• [What the exercise asks]: Search the records for the word "next" and pick out every line that has it.
Segment Start: Records for processing
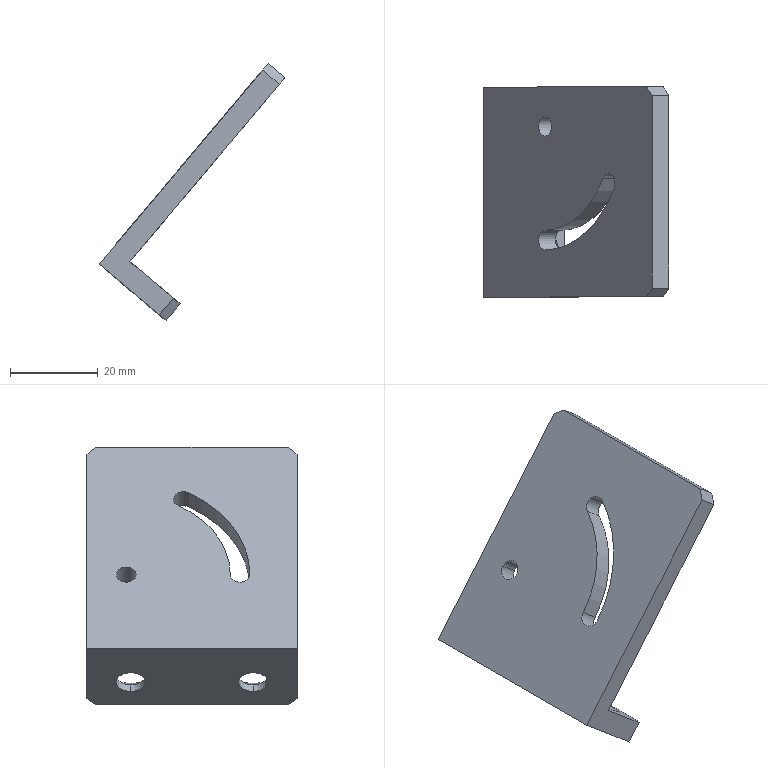Component | SolidWorks | 06CameraLightSourceMountPlate-1 | 1 solid | 26 faces | box 42.47 x 48 x 58.78 mm | volume 16585 mm3 | plane 12 | cylinder 10 | cone 4 | commonest cylinder face diameters 4.5 x4 6.6 x4 47.5 x1 56.5 x1 | material Aviation Aluminum-7075
build123d program:
from build123d import *

# Parameters (mm, degrees)
SKETCH1_W                                          = 48
SKETCH1_H                                          = 60
BOSS_EXTRUDE1_DEPTH                                = 5
SKETCH2_W                                          = 48
SKETCH2_H                                          = 5
BOSS_EXTRUDE2_DEPTH                                = 15
CHAMFER1_SIZE                                      = 2
HOLE_SIZE_ACCORDING_TO_TYPE_1_OF_HEXAG_D           = 6.6
HOLE_SIZE_ACCORDING_TO_TYPE_1_OF_HEXAG_DEPTH       = 15
HOLE_SIZE_ACCORDING_TO_TYPE_1_OF_HEXAG_CSINK_D     = 12.8
HOLE_SIZE_ACCORDING_TO_TYPE_1_OF_HEXAG_CSINK_ANGLE = 90
HOLE_SIZE_ACCORDING_TO_TYPE_1_OF_HEXAG_TIP         = 1.983
CUT_EXTRUDE1_REACH                                 = 43.243
SKETCH5_R                                          = 2.25
CUT_EXTRUDE2_REACH                                 = 43.243


with BuildPart() as part:
    # Sketch1 → Boss-Extrude1 (new body)
    with BuildSketch(Plane.XY):
        Rectangle(SKETCH1_W, SKETCH1_H)
    extrude(amount=BOSS_EXTRUDE1_DEPTH)

    # Sketch2 → Boss-Extrude2 (add)
    with BuildSketch(Plane.XY.offset(5)):
        with Locations((0, 27.5)):
            Rectangle(SKETCH2_W, SKETCH2_H)
    extrude(amount=BOSS_EXTRUDE2_DEPTH)

    # Chamfer1
    chamfer1_edges = [part.edges().sort_by_distance(p)[0] for p in [
        (-24, 27.5, 20),
        (24, 27.5, 20),
        (24, -30, 2.5),
        (-24, -30, 2.5),
    ]]
    chamfer(chamfer1_edges, length=CHAMFER1_SIZE)

    # Hole Size _According to_ Type 1 of Hexag
    with Locations(Plane(origin=(14, 25, 12), x_dir=(-1, 0, 0), z_dir=(0, -1, 0))):
        with Locations((0, 0), (28, 0)):
            CounterSinkHole(HOLE_SIZE_ACCORDING_TO_TYPE_1_OF_HEXAG_D / 2, HOLE_SIZE_ACCORDING_TO_TYPE_1_OF_HEXAG_CSINK_D / 2, depth=HOLE_SIZE_ACCORDING_TO_TYPE_1_OF_HEXAG_DEPTH, counter_sink_angle=HOLE_SIZE_ACCORDING_TO_TYPE_1_OF_HEXAG_CSINK_ANGLE)
            with Locations((0, 0, -(HOLE_SIZE_ACCORDING_TO_TYPE_1_OF_HEXAG_DEPTH + HOLE_SIZE_ACCORDING_TO_TYPE_1_OF_HEXAG_TIP / 2))):  # 118° drill point
                Cone(0, HOLE_SIZE_ACCORDING_TO_TYPE_1_OF_HEXAG_D / 2, HOLE_SIZE_ACCORDING_TO_TYPE_1_OF_HEXAG_TIP, mode=Mode.SUBTRACT)

    # Sketch5 → Cut-Extrude1 (cut, up to next)
    with BuildSketch(Plane.XY.offset(5), mode=Mode.PRIVATE) as cut_extrude1_sk1:
        with Locations((-15, 8)):
            Circle(SKETCH5_R)
    cut_extrude1_tool1 = extrude(cut_extrude1_sk1.sketch, amount=-CUT_EXTRUDE1_REACH, mode=Mode.PRIVATE) & part.part
    add(cut_extrude1_tool1.solids().sort_by_distance((-15, 8, 5))[0], mode=Mode.SUBTRACT)

    # Sketch6 → Cut-Extrude2 (cut, up to next)
    with BuildSketch(Plane.XY.offset(5), mode=Mode.PRIVATE) as cut_extrude2_sk1:
        with BuildLine():
            ThreePointArc((-0.875, -16.465), (9.465, -6.125), (13.25, 8))
            ThreePointArc((13.25, 8), (11, 10.25), (8.75, 8))
            ThreePointArc((8.75, 8), (5.568, -3.875), (-3.125, -12.568))
            ThreePointArc((-3.125, -12.568), (-3.949, -15.642), (-0.875, -16.465))
        make_face()
    cut_extrude2_tool1 = extrude(cut_extrude2_sk1.sketch, amount=-CUT_EXTRUDE2_REACH, mode=Mode.PRIVATE) & part.part
    add(cut_extrude2_tool1.solids().sort_by_distance((6.272, -4.281, 5))[0], mode=Mode.SUBTRACT)


solid = part.part

# Placed as in the assembly
solid = solid.moved(Location((-288.235, 173.645, -28.049), (180, 49.905, 90)))
STEP:
#1=CARTESIAN_POINT('',(-11.551,7.338,-1.345));
#2=VERTEX_POINT('',#1);
#3=CARTESIAN_POINT('',(-11.551,7.516,-1.345));
#4=VERTEX_POINT('',#3);
#5=CARTESIAN_POINT('',(-11.551,7.427,-1.345));
#6=DIRECTION('',(-0.765,-0.,0.6441));
#7=DIRECTION('',(0.,-1.,0.));
#8=AXIS2_PLACEMENT_3D('',#5,#6,#7);
#9=CIRCLE('',#8,0.08858);
#10=EDGE_CURVE('',#2,#4,#9,.T.);
#11=ORIENTED_EDGE('',*,*,#10,.T.);
#12=CARTESIAN_POINT('',(-11.4,7.516,-1.472));
#13=VERTEX_POINT('',#12);
#14=CARTESIAN_POINT('',(-11.551,7.516,-1.345));
#15=DIRECTION('',(0.765,0.,-0.6441));
#16=VECTOR('',#15,39.37);
#17=LINE('',#14,#16);
#18=EDGE_CURVE('',#4,#13,#17,.T.);
#19=ORIENTED_EDGE('',*,*,#18,.T.);
#20=CARTESIAN_POINT('',(-11.4,7.338,-1.472));
#21=VERTEX_POINT('',#20);
#22=CARTESIAN_POINT('',(-11.4,7.427,-1.472));
#23=DIRECTION('',(0.765,0.,-0.6441));
#24=DIRECTION('',(0.,-1.,0.));
#25=AXIS2_PLACEMENT_3D('',#22,#23,#24);
#26=CIRCLE('',#25,0.08858);
#27=EDGE_CURVE('',#13,#21,#26,.T.);
#28=ORIENTED_EDGE('',*,*,#27,.T.);
#29=CARTESIAN_POINT('',(-11.551,7.338,-1.345));
#30=DIRECTION('',(0.765,0.,-0.6441));
#31=VECTOR('',#30,39.37);
#32=LINE('',#29,#31);
#33=EDGE_CURVE('',#2,#21,#32,.T.);
#34=ORIENTED_EDGE('',*,*,#33,.F.);
#35=EDGE_LOOP('',(#11,#19,#28,#34));
#36=FACE_OUTER_BOUND('',#35,.T.);
#37=CARTESIAN_POINT('',(-11.551,7.427,-1.345));
#38=DIRECTION('',(0.765,0.,-0.6441));
#39=DIRECTION('',(0.,-1.,0.));
#40=AXIS2_PLACEMENT_3D('',#37,#38,#39);
#41=CYLINDRICAL_SURFACE('',#40,0.08858);
#42=ADVANCED_FACE('',(#36),#41,.F.);
#43=CARTESIAN_POINT('',(-11.6,6.285,-2.339));
#44=VERTEX_POINT('',#43);
#45=CARTESIAN_POINT('',(-11.798,6.285,-2.171));
#46=VERTEX_POINT('',#45);
#47=CARTESIAN_POINT('',(-11.699,6.285,-2.255));
#48=DIRECTION('',(0.6441,-0.,0.765));
#49=DIRECTION('',(-0.765,0.,0.6441));
#50=AXIS2_PLACEMENT_3D('',#47,#48,#49);
#51=CIRCLE('',#50,0.1299);
#52=EDGE_CURVE('',#44,#46,#51,.T.);
#53=ORIENTED_EDGE('',*,*,#52,.F.);
#54=CARTESIAN_POINT('',(-11.428,6.285,-2.324));
#55=VERTEX_POINT('',#54);
#56=CARTESIAN_POINT('',(-11.428,6.285,-2.324));
#57=DIRECTION('',(0.9963,-0.,0.0855));
#58=VECTOR('',#57,39.37);
#59=LINE('',#56,#58);
#60=EDGE_CURVE('',#44,#55,#59,.T.);
#61=ORIENTED_EDGE('',*,*,#60,.T.);
#62=CARTESIAN_POINT('',(-11.813,6.285,-1.999));
#63=VERTEX_POINT('',#62);
#64=CARTESIAN_POINT('',(-11.62,6.285,-2.161));
#65=DIRECTION('',(0.6441,-0.,0.765));
#66=DIRECTION('',(-0.765,0.,0.6441));
#67=AXIS2_PLACEMENT_3D('',#64,#65,#66);
#68=CIRCLE('',#67,0.252);
#69=EDGE_CURVE('',#55,#63,#68,.T.);
#70=ORIENTED_EDGE('',*,*,#69,.T.);
#71=CARTESIAN_POINT('',(-11.813,6.285,-1.999));
#72=DIRECTION('',(-0.0855,-0.,0.9963));
#73=VECTOR('',#72,39.37);
#74=LINE('',#71,#73);
#75=EDGE_CURVE('',#46,#63,#74,.T.);
#76=ORIENTED_EDGE('',*,*,#75,.F.);
#77=EDGE_LOOP('',(#53,#61,#70,#76));
#78=FACE_OUTER_BOUND('',#77,.T.);
#79=CARTESIAN_POINT('',(-11.62,6.285,-2.161));
#80=DIRECTION('',(0.6441,-0.,0.765));
#81=DIRECTION('',(-0.765,0.,0.6441));
#82=AXIS2_PLACEMENT_3D('',#79,#80,#81);
#83=CONICAL_SURFACE('',#82,0.252,0.7854);
#84=ADVANCED_FACE('',(#78),#83,.F.);
#85=CARTESIAN_POINT('',(-11.648,6.285,-2.396));
#86=VERTEX_POINT('',#85);
#87=CARTESIAN_POINT('',(-11.847,6.285,-2.228));
#88=VERTEX_POINT('',#87);
#89=CARTESIAN_POINT('',(-11.747,6.285,-2.312));
#90=DIRECTION('',(0.6441,-0.,0.765));
#91=DIRECTION('',(0.,-1.,-0.));
#92=AXIS2_PLACEMENT_3D('',#89,#90,#91);
#93=CIRCLE('',#92,0.1299);
#94=EDGE_CURVE('',#86,#88,#93,.T.);
#95=ORIENTED_EDGE('',*,*,#94,.F.);
#96=CARTESIAN_POINT('',(-11.521,6.285,-2.245));
#97=DIRECTION('',(0.6441,-0.,0.765));
#98=VECTOR('',#97,39.37);
#99=LINE('',#96,#98);
#100=EDGE_CURVE('',#86,#44,#99,.T.);
#101=ORIENTED_EDGE('',*,*,#100,.T.);
#102=ORIENTED_EDGE('',*,*,#52,.T.);
#103=CARTESIAN_POINT('',(-11.72,6.285,-2.078));
#104=DIRECTION('',(0.6441,-0.,0.765));
#105=VECTOR('',#104,39.37);
#106=LINE('',#103,#105);
#107=EDGE_CURVE('',#88,#46,#106,.T.);
#108=ORIENTED_EDGE('',*,*,#107,.F.);
#109=EDGE_LOOP('',(#95,#101,#102,#108));
#110=FACE_OUTER_BOUND('',#109,.T.);
#111=CARTESIAN_POINT('',(-11.62,6.285,-2.161));
#112=DIRECTION('',(0.6441,-0.,0.765));
#113=DIRECTION('',(-0.765,0.,0.6441));
#114=AXIS2_PLACEMENT_3D('',#111,#112,#113);
#115=CYLINDRICAL_SURFACE('',#114,0.1299);
#116=ADVANCED_FACE('',(#110),#115,.F.);
#117=CARTESIAN_POINT('',(-11.6,7.388,-2.339));
#118=VERTEX_POINT('',#117);
#119=CARTESIAN_POINT('',(-11.798,7.388,-2.171));
#120=VERTEX_POINT('',#119);
#121=CARTESIAN_POINT('',(-11.699,7.388,-2.255));
#122=DIRECTION('',(0.6441,-0.,0.765));
#123=DIRECTION('',(-0.765,0.,0.6441));
#124=AXIS2_PLACEMENT_3D('',#121,#122,#123);
#125=CIRCLE('',#124,0.1299);
#126=EDGE_CURVE('',#118,#120,#125,.T.);
#127=ORIENTED_EDGE('',*,*,#126,.F.);
#128=CARTESIAN_POINT('',(-11.428,7.388,-2.324));
#129=VERTEX_POINT('',#128);
#130=CARTESIAN_POINT('',(-11.428,7.388,-2.324));
#131=DIRECTION('',(0.9963,-0.,0.0855));
#132=VECTOR('',#131,39.37);
#133=LINE('',#130,#132);
#134=EDGE_CURVE('',#118,#129,#133,.T.);
#135=ORIENTED_EDGE('',*,*,#134,.T.);
#136=CARTESIAN_POINT('',(-11.813,7.388,-1.999));
#137=VERTEX_POINT('',#136);
#138=CARTESIAN_POINT('',(-11.62,7.388,-2.161));
#139=DIRECTION('',(0.6441,-0.,0.765));
#140=DIRECTION('',(-0.765,0.,0.6441));
#141=AXIS2_PLACEMENT_3D('',#138,#139,#140);
#142=CIRCLE('',#141,0.252);
#143=EDGE_CURVE('',#129,#137,#142,.T.);
#144=ORIENTED_EDGE('',*,*,#143,.T.);
#145=CARTESIAN_POINT('',(-11.813,7.388,-1.999));
#146=DIRECTION('',(-0.0855,-0.,0.9963));
#147=VECTOR('',#146,39.37);
#148=LINE('',#145,#147);
#149=EDGE_CURVE('',#120,#137,#148,.T.);
#150=ORIENTED_EDGE('',*,*,#149,.F.);
#151=EDGE_LOOP('',(#127,#135,#144,#150));
#152=FACE_OUTER_BOUND('',#151,.T.);
#153=CARTESIAN_POINT('',(-11.62,7.388,-2.161));
#154=DIRECTION('',(0.6441,-0.,0.765));
#155=DIRECTION('',(-0.765,0.,0.6441));
#156=AXIS2_PLACEMENT_3D('',#153,#154,#155);
#157=CONICAL_SURFACE('',#156,0.252,0.7854);
#158=ADVANCED_FACE('',(#152),#157,.F.);
#159=CARTESIAN_POINT('',(-11.648,7.388,-2.396));
#160=VERTEX_POINT('',#159);
#161=CARTESIAN_POINT('',(-11.847,7.388,-2.228));
#162=VERTEX_POINT('',#161);
#163=CARTESIAN_POINT('',(-11.747,7.388,-2.312));
#164=DIRECTION('',(0.6441,-0.,0.765));
#165=DIRECTION('',(0.,-1.,-0.));
#166=AXIS2_PLACEMENT_3D('',#163,#164,#165);
#167=CIRCLE('',#166,0.1299);
#168=EDGE_CURVE('',#160,#162,#167,.T.);
#169=ORIENTED_EDGE('',*,*,#168,.F.);
#170=CARTESIAN_POINT('',(-11.521,7.388,-2.245));
#171=DIRECTION('',(0.6441,-0.,0.765));
#172=VECTOR('',#171,39.37);
#173=LINE('',#170,#172);
#174=EDGE_CURVE('',#160,#118,#173,.T.);
#175=ORIENTED_EDGE('',*,*,#174,.T.);
#176=ORIENTED_EDGE('',*,*,#126,.T.);
#177=CARTESIAN_POINT('',(-11.72,7.388,-2.078));
#178=DIRECTION('',(0.6441,-0.,0.765));
#179=VECTOR('',#178,39.37);
#180=LINE('',#177,#179);
#181=EDGE_CURVE('',#162,#120,#180,.T.);
#182=ORIENTED_EDGE('',*,*,#181,.F.);
#183=EDGE_LOOP('',(#169,#175,#176,#182));
#184=FACE_OUTER_BOUND('',#183,.T.);
#185=CARTESIAN_POINT('',(-11.62,7.388,-2.161));
#186=DIRECTION('',(0.6441,-0.,0.765));
#187=DIRECTION('',(-0.765,0.,0.6441));
#188=AXIS2_PLACEMENT_3D('',#185,#186,#187);
#189=CYLINDRICAL_SURFACE('',#188,0.1299);
#190=ADVANCED_FACE('',(#184),#189,.F.);
#191=CARTESIAN_POINT('',(-11.44,7.781,-2.314));
#192=VERTEX_POINT('',#191);
#193=CARTESIAN_POINT('',(-11.831,7.781,-1.984));
#194=VERTEX_POINT('',#193);
#195=CARTESIAN_POINT('',(-11.379,7.781,-2.364));
#196=DIRECTION('',(-0.765,-0.,0.6441));
#197=VECTOR('',#196,39.37);
#198=LINE('',#195,#197);
#199=EDGE_CURVE('',#192,#194,#198,.T.);
#200=ORIENTED_EDGE('',*,*,#199,.F.);
#201=CARTESIAN_POINT('',(-11.566,7.781,-2.464));
#202=VERTEX_POINT('',#201);
#203=CARTESIAN_POINT('',(-11.566,7.781,-2.464));
#204=DIRECTION('',(-0.6441,0.,-0.765));
#205=VECTOR('',#204,39.37);
#206=LINE('',#203,#205);
#207=EDGE_CURVE('',#192,#202,#206,.T.);
#208=ORIENTED_EDGE('',*,*,#207,.T.);
#209=CARTESIAN_POINT('',(-12.109,7.781,-2.008));
#210=VERTEX_POINT('',#209);
#211=CARTESIAN_POINT('',(-11.958,7.781,-2.135));
#212=DIRECTION('',(-0.765,-0.,0.6441));
#213=VECTOR('',#212,39.37);
#214=LINE('',#211,#213);
#215=EDGE_CURVE('',#202,#210,#214,.T.);
#216=ORIENTED_EDGE('',*,*,#215,.T.);
#217=CARTESIAN_POINT('',(-10.638,7.781,-0.261));
#218=VERTEX_POINT('',#217);
#219=CARTESIAN_POINT('',(-10.587,7.781,-0.2008));
#220=DIRECTION('',(0.6441,-0.,0.765));
#221=VECTOR('',#220,39.37);
#222=LINE('',#219,#221);
#223=EDGE_CURVE('',#210,#218,#222,.T.);
#224=ORIENTED_EDGE('',*,*,#223,.T.);
#225=CARTESIAN_POINT('',(-10.487,7.781,-0.3878));
#226=VERTEX_POINT('',#225);
#227=CARTESIAN_POINT('',(-10.487,7.781,-0.3878));
#228=DIRECTION('',(0.765,0.,-0.6441));
#229=VECTOR('',#228,39.37);
#230=LINE('',#227,#229);
#231=EDGE_CURVE('',#218,#226,#230,.T.);
#232=ORIENTED_EDGE('',*,*,#231,.T.);
#233=CARTESIAN_POINT('',(-10.437,7.781,-0.3276));
#234=DIRECTION('',(0.6441,-0.,0.765));
#235=VECTOR('',#234,39.37);
#236=LINE('',#233,#235);
#237=EDGE_CURVE('',#194,#226,#236,.T.);
#238=ORIENTED_EDGE('',*,*,#237,.F.);
#239=EDGE_LOOP('',(#200,#208,#216,#224,#232,#238));
#240=FACE_OUTER_BOUND('',#239,.T.);
#241=CARTESIAN_POINT('',(-10.437,7.781,-0.3276));
#242=DIRECTION('',(-0.,-1.,-0.));
#243=DIRECTION('',(-0.6441,0.,-0.765));
#244=AXIS2_PLACEMENT_3D('',#241,#242,#243);
#245=PLANE('',#244);
#246=ADVANCED_FACE('',(#240),#245,.F.);
#247=CARTESIAN_POINT('',(-10.587,7.703,-0.2008));
#248=VERTEX_POINT('',#247);
#249=CARTESIAN_POINT('',(-10.587,5.97,-0.2008));
#250=VERTEX_POINT('',#249);
#251=CARTESIAN_POINT('',(-10.587,5.892,-0.2008));
#252=DIRECTION('',(-0.,-1.,-0.));
#253=VECTOR('',#252,39.37);
#254=LINE('',#251,#253);
#255=EDGE_CURVE('',#248,#250,#254,.T.);
#256=ORIENTED_EDGE('',*,*,#255,.T.);
#257=CARTESIAN_POINT('',(-10.437,5.97,-0.3276));
#258=VERTEX_POINT('',#257);
#259=CARTESIAN_POINT('',(-10.437,5.97,-0.3276));
#260=DIRECTION('',(0.765,0.,-0.6441));
#261=VECTOR('',#260,39.37);
#262=LINE('',#259,#261);
#263=EDGE_CURVE('',#250,#258,#262,.T.);
#264=ORIENTED_EDGE('',*,*,#263,.T.);
#265=CARTESIAN_POINT('',(-10.437,7.703,-0.3276));
#266=VERTEX_POINT('',#265);
#267=CARTESIAN_POINT('',(-10.437,5.892,-0.3276));
#268=DIRECTION('',(-0.,-1.,-0.));
#269=VECTOR('',#268,39.37);
#270=LINE('',#267,#269);
#271=EDGE_CURVE('',#266,#258,#270,.T.);
#272=ORIENTED_EDGE('',*,*,#271,.F.);
#273=CARTESIAN_POINT('',(-10.437,7.703,-0.3276));
#274=DIRECTION('',(-0.765,-0.,0.6441));
#275=VECTOR('',#274,39.37);
#276=LINE('',#273,#275);
#277=EDGE_CURVE('',#266,#248,#276,.T.);
#278=ORIENTED_EDGE('',*,*,#277,.T.);
#279=EDGE_LOOP('',(#256,#264,#272,#278));
#280=FACE_OUTER_BOUND('',#279,.T.);
#281=CARTESIAN_POINT('',(-10.437,5.892,-0.3276));
#282=DIRECTION('',(-0.6441,0.,-0.765));
#283=DIRECTION('',(0.,1.,0.));
#284=AXIS2_PLACEMENT_3D('',#281,#282,#283);
#285=PLANE('',#284);
#286=ADVANCED_FACE('',(#280),#285,.F.);
#287=CARTESIAN_POINT('',(-11.566,5.892,-2.464));
#288=VERTEX_POINT('',#287);
#289=CARTESIAN_POINT('',(-12.109,5.892,-2.008));
#290=VERTEX_POINT('',#289);
#291=CARTESIAN_POINT('',(-11.958,5.892,-2.135));
#292=DIRECTION('',(-0.765,-0.,0.6441));
#293=VECTOR('',#292,39.37);
#294=LINE('',#291,#293);
#295=EDGE_CURVE('',#288,#290,#294,.T.);
#296=ORIENTED_EDGE('',*,*,#295,.F.);
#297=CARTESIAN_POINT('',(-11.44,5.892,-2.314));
Segment End: Records for processing
• [Reply to the task]:
    # Sketch5 → Cut-Extrude1 (cut, up to next)
    # Sketch6 → Cut-Extrude2 (cut, up to next)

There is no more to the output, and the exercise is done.